◆ **Entries shown**:
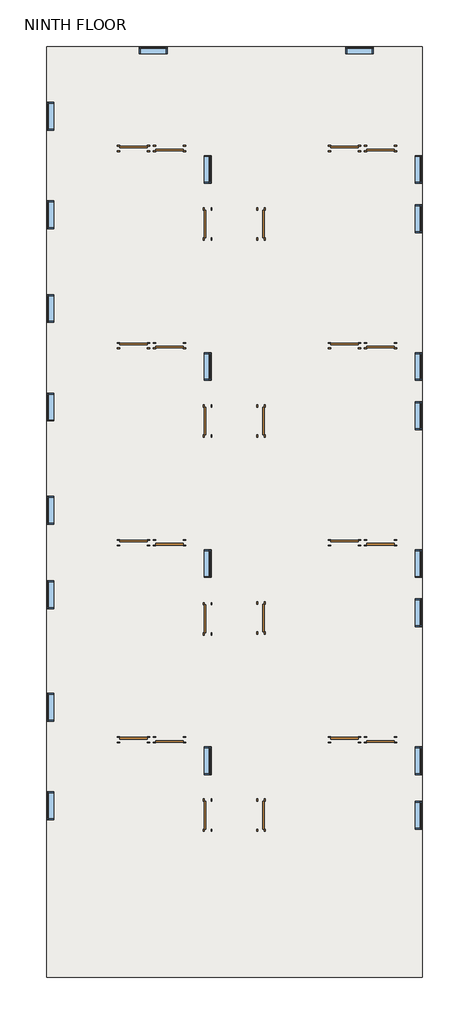
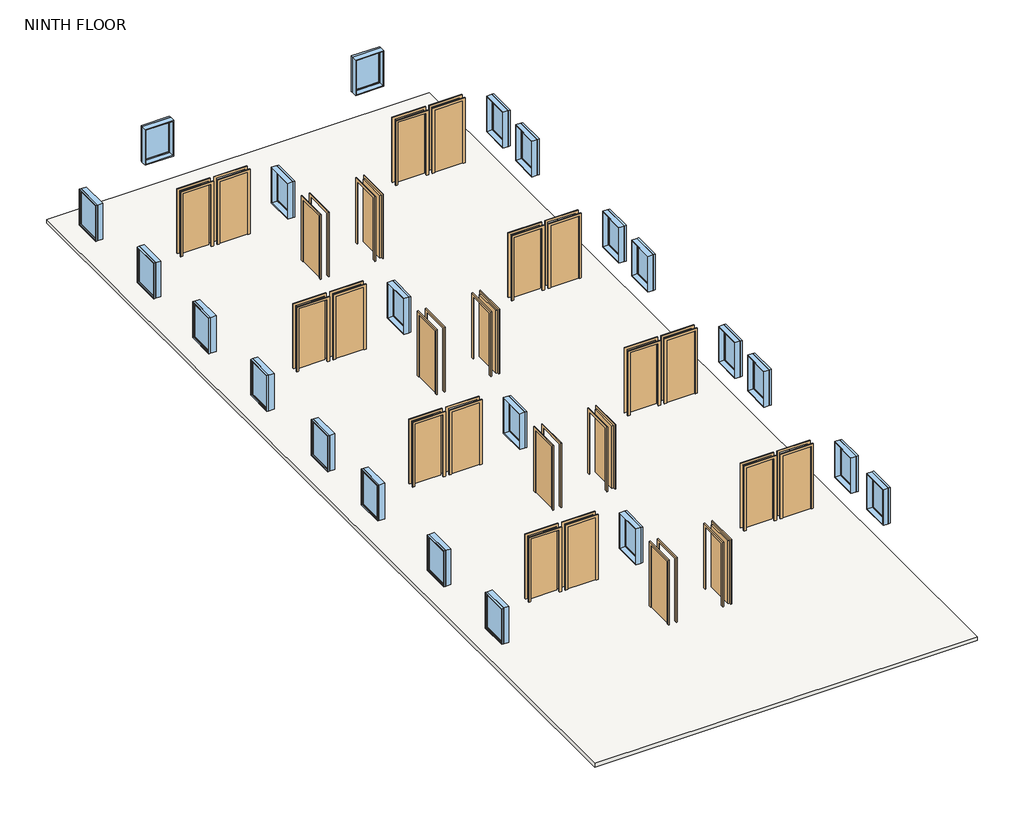
# One storey: 24 doors, 22 windows, 1 slab.
"""IFC4 building model written with IfcOpenShell, lengths in millimetres."""

from ifc_helpers import new_model, si_unit, frame, origin, place, context, project, spatial, polyline, outline, extrude, transform, mapped, element, save
from components import door_686f89d2, door_16372e1c, door_a90ba1ad, door_0ca8825f, window_c1f32544

model = new_model("IFC4")

# Units and contexts
model_context = context("Model", 3, world=origin())
ifc_project = project(units=[si_unit("LENGTHUNIT", "METRE", prefix="MILLI")], contexts=[model_context])

# Site, building, storey
site = spatial("IfcSite", under=ifc_project)
building = spatial("IfcBuilding", under=site)
storey = spatial("IfcBuildingStorey", under=building, Name="NINTH FLOOR", Elevation=28803.6)

# Doors
placement = place(None, origin())
door_shape = door_686f89d2(model_context)
element("IfcDoor", 1, ObjectType="Single-Flush : 36\" x 84\"", at=placement, inside=storey, context=model_context, shape_type="MappedRepresentation", body=[
    mapped(door_shape, transform((-9863.5902461, 11952.2710592, 28803.6), x_axis=(-1.0, 0.0, 0.0), y_axis=(0.0, -1.0, 0.0), z_axis=(0.0, 0.0, 1.0))),
])
element("IfcDoor", 2, ObjectType="Single-Flush : 36\" x 84\"", at=placement, inside=storey, context=model_context, shape_type="MappedRepresentation", body=[
    mapped(door_shape, transform((-2929.3902461, 11952.2710592, 28803.6), x_axis=(-1.0, 0.0, 0.0), y_axis=(0.0, -1.0, 0.0), z_axis=(0.0, 0.0, 1.0))),
])
element("IfcDoor", 3, ObjectType="Single-Flush : 36\" x 84\"", at=placement, inside=storey, context=model_context, shape_type="MappedRepresentation", body=[
    mapped(door_shape, transform((-9863.5902461, 5475.2710592, 28803.6), x_axis=(-1.0, 0.0, 0.0), y_axis=(0.0, -1.0, 0.0), z_axis=(0.0, 0.0, 1.0))),
])
element("IfcDoor", 4, ObjectType="Single-Flush : 36\" x 84\"", at=placement, inside=storey, context=model_context, shape_type="MappedRepresentation", body=[
    mapped(door_shape, transform((-2929.3902461, 5475.2710592, 28803.6), x_axis=(-1.0, 0.0, 0.0), y_axis=(0.0, -1.0, 0.0), z_axis=(0.0, 0.0, 1.0))),
])
element("IfcDoor", 5, ObjectType="Single-Flush : 36\" x 84\"", at=placement, inside=storey, context=model_context, shape_type="MappedRepresentation", body=[
    mapped(door_shape, transform((-9863.5902461, -1001.7289408, 28803.6), x_axis=(-1.0, 0.0, 0.0), y_axis=(0.0, -1.0, 0.0), z_axis=(0.0, 0.0, 1.0))),
])
element("IfcDoor", 6, ObjectType="Single-Flush : 36\" x 84\"", at=placement, inside=storey, context=model_context, shape_type="MappedRepresentation", body=[
    mapped(door_shape, transform((-2929.3902461, -1001.7289408, 28803.6), x_axis=(-1.0, 0.0, 0.0), y_axis=(0.0, -1.0, 0.0), z_axis=(0.0, 0.0, 1.0))),
])
element("IfcDoor", 7, ObjectType="Single-Flush : 36\" x 84\"", at=placement, inside=storey, context=model_context, shape_type="MappedRepresentation", body=[
    mapped(door_shape, transform((-9863.5902461, -7478.7289408, 28803.6), x_axis=(-1.0, 0.0, 0.0), y_axis=(0.0, -1.0, 0.0), z_axis=(0.0, 0.0, 1.0))),
])
element("IfcDoor", 8, ObjectType="Single-Flush : 36\" x 84\"", at=placement, inside=storey, context=model_context, shape_type="MappedRepresentation", body=[
    mapped(door_shape, transform((-2929.3902461, -7478.7289408, 28803.6), x_axis=(-1.0, 0.0, 0.0), y_axis=(0.0, -1.0, 0.0), z_axis=(0.0, 0.0, 1.0))),
])
door_2_shape = door_16372e1c(model_context)
element("IfcDoor", 9, ObjectType="Single-Flush : 36\" x 84\"", at=placement, inside=storey, context=model_context, shape_type="MappedRepresentation", body=[
    mapped(door_2_shape, transform((-8682.4902461, 11952.2710592, 28803.6), x_axis=(-1.0, 0.0, 0.0), y_axis=(0.0, -1.0, 0.0), z_axis=(0.0, 0.0, 1.0))),
])
element("IfcDoor", 10, ObjectType="Single-Flush : 36\" x 84\"", at=placement, inside=storey, context=model_context, shape_type="MappedRepresentation", body=[
    mapped(door_2_shape, transform((-1748.2902461, 11952.2710592, 28803.6), x_axis=(-1.0, 0.0, 0.0), y_axis=(0.0, -1.0, 0.0), z_axis=(0.0, 0.0, 1.0))),
])
element("IfcDoor", 11, ObjectType="Single-Flush : 36\" x 84\"", at=placement, inside=storey, context=model_context, shape_type="MappedRepresentation", body=[
    mapped(door_2_shape, transform((-8682.4902461, 5475.2710592, 28803.6), x_axis=(-1.0, 0.0, 0.0), y_axis=(0.0, -1.0, 0.0), z_axis=(0.0, 0.0, 1.0))),
])
element("IfcDoor", 12, ObjectType="Single-Flush : 36\" x 84\"", at=placement, inside=storey, context=model_context, shape_type="MappedRepresentation", body=[
    mapped(door_2_shape, transform((-1748.2902461, 5475.2710592, 28803.6), x_axis=(-1.0, 0.0, 0.0), y_axis=(0.0, -1.0, 0.0), z_axis=(0.0, 0.0, 1.0))),
])
element("IfcDoor", 13, ObjectType="Single-Flush : 36\" x 84\"", at=placement, inside=storey, context=model_context, shape_type="MappedRepresentation", body=[
    mapped(door_2_shape, transform((-8682.4902461, -1001.7289408, 28803.6), x_axis=(-1.0, 0.0, 0.0), y_axis=(0.0, -1.0, 0.0), z_axis=(0.0, 0.0, 1.0))),
])
element("IfcDoor", 14, ObjectType="Single-Flush : 36\" x 84\"", at=placement, inside=storey, context=model_context, shape_type="MappedRepresentation", body=[
    mapped(door_2_shape, transform((-1748.2902461, -1001.7289408, 28803.6), x_axis=(-1.0, 0.0, 0.0), y_axis=(0.0, -1.0, 0.0), z_axis=(0.0, 0.0, 1.0))),
])
element("IfcDoor", 15, ObjectType="Single-Flush : 36\" x 84\"", at=placement, inside=storey, context=model_context, shape_type="MappedRepresentation", body=[
    mapped(door_2_shape, transform((-8682.4902461, -7478.7289408, 28803.6), x_axis=(-1.0, 0.0, 0.0), y_axis=(0.0, -1.0, 0.0), z_axis=(0.0, 0.0, 1.0))),
])
element("IfcDoor", 16, ObjectType="Single-Flush : 36\" x 84\"", at=placement, inside=storey, context=model_context, shape_type="MappedRepresentation", body=[
    mapped(door_2_shape, transform((-1748.2902461, -7478.7289408, 28803.6), x_axis=(-1.0, 0.0, 0.0), y_axis=(0.0, -1.0, 0.0), z_axis=(0.0, 0.0, 1.0))),
])
door_3_shape = door_a90ba1ad(model_context)
element("IfcDoor", 17, ObjectType="Single-Flush : 36\" x 84\"", at=placement, inside=storey, context=model_context, shape_type="MappedRepresentation", body=[
    mapped(door_3_shape, transform((-7425.1902461, 9475.7710592, 28803.6), x_axis=(0.0, -1.0, 0.0), y_axis=(1.0, 0.0, 0.0), z_axis=(0.0, 0.0, 1.0))),
])
element("IfcDoor", 18, ObjectType="Single-Flush : 36\" x 84\"", at=placement, inside=storey, context=model_context, shape_type="MappedRepresentation", body=[
    mapped(door_3_shape, transform((-7425.1902461, 2998.7710592, 28803.6), x_axis=(0.0, -1.0, 0.0), y_axis=(1.0, 0.0, 0.0), z_axis=(0.0, 0.0, 1.0))),
])
element("IfcDoor", 19, ObjectType="Single-Flush : 36\" x 84\"", at=placement, inside=storey, context=model_context, shape_type="MappedRepresentation", body=[
    mapped(door_3_shape, transform((-7425.1902461, -9955.2289408, 28803.6), x_axis=(0.0, -1.0, 0.0), y_axis=(1.0, 0.0, 0.0), z_axis=(0.0, 0.0, 1.0))),
])
element("IfcDoor", 20, ObjectType="Single-Flush : 36\" x 84\"", at=placement, inside=storey, context=model_context, shape_type="MappedRepresentation", body=[
    mapped(door_3_shape, transform((-7425.1902461, -3503.6289408, 28803.6), x_axis=(0.0, -1.0, 0.0), y_axis=(1.0, 0.0, 0.0), z_axis=(0.0, 0.0, 1.0))),
])
door_4_shape = door_0ca8825f(model_context)
element("IfcDoor", 21, ObjectType="Single-Flush : 36\" x 84\"", at=placement, inside=storey, context=model_context, shape_type="MappedRepresentation", body=[
    mapped(door_4_shape, transform((-5672.5902461, 9475.7710592, 28803.6), x_axis=(0.0, -1.0, 0.0), y_axis=(1.0, 0.0, 0.0), z_axis=(0.0, 0.0, 1.0))),
])
element("IfcDoor", 22, ObjectType="Single-Flush : 36\" x 84\"", at=placement, inside=storey, context=model_context, shape_type="MappedRepresentation", body=[
    mapped(door_4_shape, transform((-5672.5902461, 2998.7710592, 28803.6), x_axis=(0.0, -1.0, 0.0), y_axis=(1.0, 0.0, 0.0), z_axis=(0.0, 0.0, 1.0))),
])
element("IfcDoor", 23, ObjectType="Single-Flush : 36\" x 84\"", at=placement, inside=storey, context=model_context, shape_type="MappedRepresentation", body=[
    mapped(door_4_shape, transform((-5672.5902461, -9955.2289408, 28803.6), x_axis=(0.0, -1.0, 0.0), y_axis=(1.0, 0.0, 0.0), z_axis=(0.0, 0.0, 1.0))),
])
element("IfcDoor", 24, ObjectType="Single-Flush : 36\" x 84\"", at=placement, inside=storey, context=model_context, shape_type="MappedRepresentation", body=[
    mapped(door_4_shape, transform((-5672.5902461, -3478.2289408, 28803.6), x_axis=(0.0, -1.0, 0.0), y_axis=(1.0, 0.0, 0.0), z_axis=(0.0, 0.0, 1.0))),
])

# Slab
element("IfcSlab", 25, ObjectType="Generic - 12\"", at=placement, inside=storey, context=model_context, shape_type="SweptSolid", body=[
    extrude(outline(polyline([(-376.6902461, 15305.0710592), (-376.6902461, -15289.2289408), (-12721.0902461, -15289.2289408), (-12721.0902461, 15305.0710592), (-376.6902461, 15305.0710592)])), frame((0.0, 0.0, 28676.6), z_axis=(0.0, 0.0, 1.0), x_axis=(1.0, 0.0, 0.0)), (0.0, 0.0, 1.0), 127.0),
])

# Windows
window_shape = window_c1f32544(model_context)
element("IfcWindow", 26, ObjectType="Fixed : 36\" x 48\"", at=placement, inside=storey, context=model_context, shape_type="MappedRepresentation", body=[
    mapped(window_shape, transform((-9177.7902461, 15190.7710592, 28803.6), x_axis=(1.0, 0.0, 0.0), y_axis=(0.0, 1.0, 0.0), z_axis=(0.0, 0.0, 1.0))),
])
element("IfcWindow", 27, ObjectType="Fixed : 36\" x 48\"", at=placement, inside=storey, context=model_context, shape_type="MappedRepresentation", body=[
    mapped(window_shape, transform((-2395.9902461, 15190.7710592, 28803.6), x_axis=(1.0, 0.0, 0.0), y_axis=(0.0, 1.0, 0.0), z_axis=(0.0, 0.0, 1.0))),
])
element("IfcWindow", 28, ObjectType="Fixed : 36\" x 48\"", at=placement, inside=storey, context=model_context, shape_type="MappedRepresentation", body=[
    mapped(window_shape, transform((-490.9902461, 11228.3710592, 28803.6), x_axis=(0.0, -1.0, 0.0), y_axis=(1.0, 0.0, 0.0), z_axis=(0.0, 0.0, 1.0))),
])
element("IfcWindow", 29, ObjectType="Fixed : 36\" x 48\"", at=placement, inside=storey, context=model_context, shape_type="MappedRepresentation", body=[
    mapped(window_shape, transform((-490.9902461, 9609.1210592, 28803.6), x_axis=(0.0, -1.0, 0.0), y_axis=(1.0, 0.0, 0.0), z_axis=(0.0, 0.0, 1.0))),
])
element("IfcWindow", 30, ObjectType="Fixed : 36\" x 48\"", at=placement, inside=storey, context=model_context, shape_type="MappedRepresentation", body=[
    mapped(window_shape, transform((-490.9902461, 4751.3710592, 28803.6), x_axis=(0.0, -1.0, 0.0), y_axis=(1.0, 0.0, 0.0), z_axis=(0.0, 0.0, 1.0))),
])
element("IfcWindow", 31, ObjectType="Fixed : 36\" x 48\"", at=placement, inside=storey, context=model_context, shape_type="MappedRepresentation", body=[
    mapped(window_shape, transform((-490.9902461, 3132.1210592, 28803.6), x_axis=(0.0, -1.0, 0.0), y_axis=(1.0, 0.0, 0.0), z_axis=(0.0, 0.0, 1.0))),
])
element("IfcWindow", 32, ObjectType="Fixed : 36\" x 48\"", at=placement, inside=storey, context=model_context, shape_type="MappedRepresentation", body=[
    mapped(window_shape, transform((-490.9902461, -1725.6289408, 28803.6), x_axis=(0.0, -1.0, 0.0), y_axis=(1.0, 0.0, 0.0), z_axis=(0.0, 0.0, 1.0))),
])
element("IfcWindow", 33, ObjectType="Fixed : 36\" x 48\"", at=placement, inside=storey, context=model_context, shape_type="MappedRepresentation", body=[
    mapped(window_shape, transform((-490.9902461, -3344.8789408, 28803.6), x_axis=(0.0, -1.0, 0.0), y_axis=(1.0, 0.0, 0.0), z_axis=(0.0, 0.0, 1.0))),
])
element("IfcWindow", 34, ObjectType="Fixed : 36\" x 48\"", at=placement, inside=storey, context=model_context, shape_type="MappedRepresentation", body=[
    mapped(window_shape, transform((-490.9902461, -8202.6289408, 28803.6), x_axis=(0.0, -1.0, 0.0), y_axis=(1.0, 0.0, 0.0), z_axis=(0.0, 0.0, 1.0))),
])
element("IfcWindow", 35, ObjectType="Fixed : 36\" x 48\"", at=placement, inside=storey, context=model_context, shape_type="MappedRepresentation", body=[
    mapped(window_shape, transform((-490.9902461, -9993.3289408, 28803.6), x_axis=(0.0, -1.0, 0.0), y_axis=(1.0, 0.0, 0.0), z_axis=(0.0, 0.0, 1.0))),
])
element("IfcWindow", 36, ObjectType="Fixed : 36\" x 48\"", at=placement, inside=storey, context=model_context, shape_type="MappedRepresentation", body=[
    mapped(window_shape, transform((-12606.7902461, -9612.3289408, 28803.6), x_axis=(0.0, 1.0, 0.0), y_axis=(-1.0, 0.0, 0.0), z_axis=(0.0, 0.0, 1.0))),
])
element("IfcWindow", 37, ObjectType="Fixed : 36\" x 48\"", at=placement, inside=storey, context=model_context, shape_type="MappedRepresentation", body=[
    mapped(window_shape, transform((-12606.7902461, -6373.8289408, 28803.6), x_axis=(0.0, 1.0, 0.0), y_axis=(-1.0, 0.0, 0.0), z_axis=(0.0, 0.0, 1.0))),
])
element("IfcWindow", 38, ObjectType="Fixed : 36\" x 48\"", at=placement, inside=storey, context=model_context, shape_type="MappedRepresentation", body=[
    mapped(window_shape, transform((-12606.7902461, -2678.1289408, 28803.6), x_axis=(0.0, 1.0, 0.0), y_axis=(-1.0, 0.0, 0.0), z_axis=(0.0, 0.0, 1.0))),
])
element("IfcWindow", 39, ObjectType="Fixed : 36\" x 48\"", at=placement, inside=storey, context=model_context, shape_type="MappedRepresentation", body=[
    mapped(window_shape, transform((-12606.7902461, 103.1710592, 28803.6), x_axis=(0.0, 1.0, 0.0), y_axis=(-1.0, 0.0, 0.0), z_axis=(0.0, 0.0, 1.0))),
])
element("IfcWindow", 40, ObjectType="Fixed : 36\" x 48\"", at=placement, inside=storey, context=model_context, shape_type="MappedRepresentation", body=[
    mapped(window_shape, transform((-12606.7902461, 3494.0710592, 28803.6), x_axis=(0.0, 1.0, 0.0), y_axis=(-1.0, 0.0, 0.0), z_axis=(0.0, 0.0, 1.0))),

◆ **How to complete this task**: Taking the records above as input, show every line in which the word "building" is present.

◆ **Exercise solution**:
"""IFC4 building model written with IfcOpenShell, lengths in millimetres."""
# Site, building, storey
building = spatial("IfcBuilding", under=site)
storey = spatial("IfcBuildingStorey", under=building, Name="NINTH FLOOR", Elevation=28803.6)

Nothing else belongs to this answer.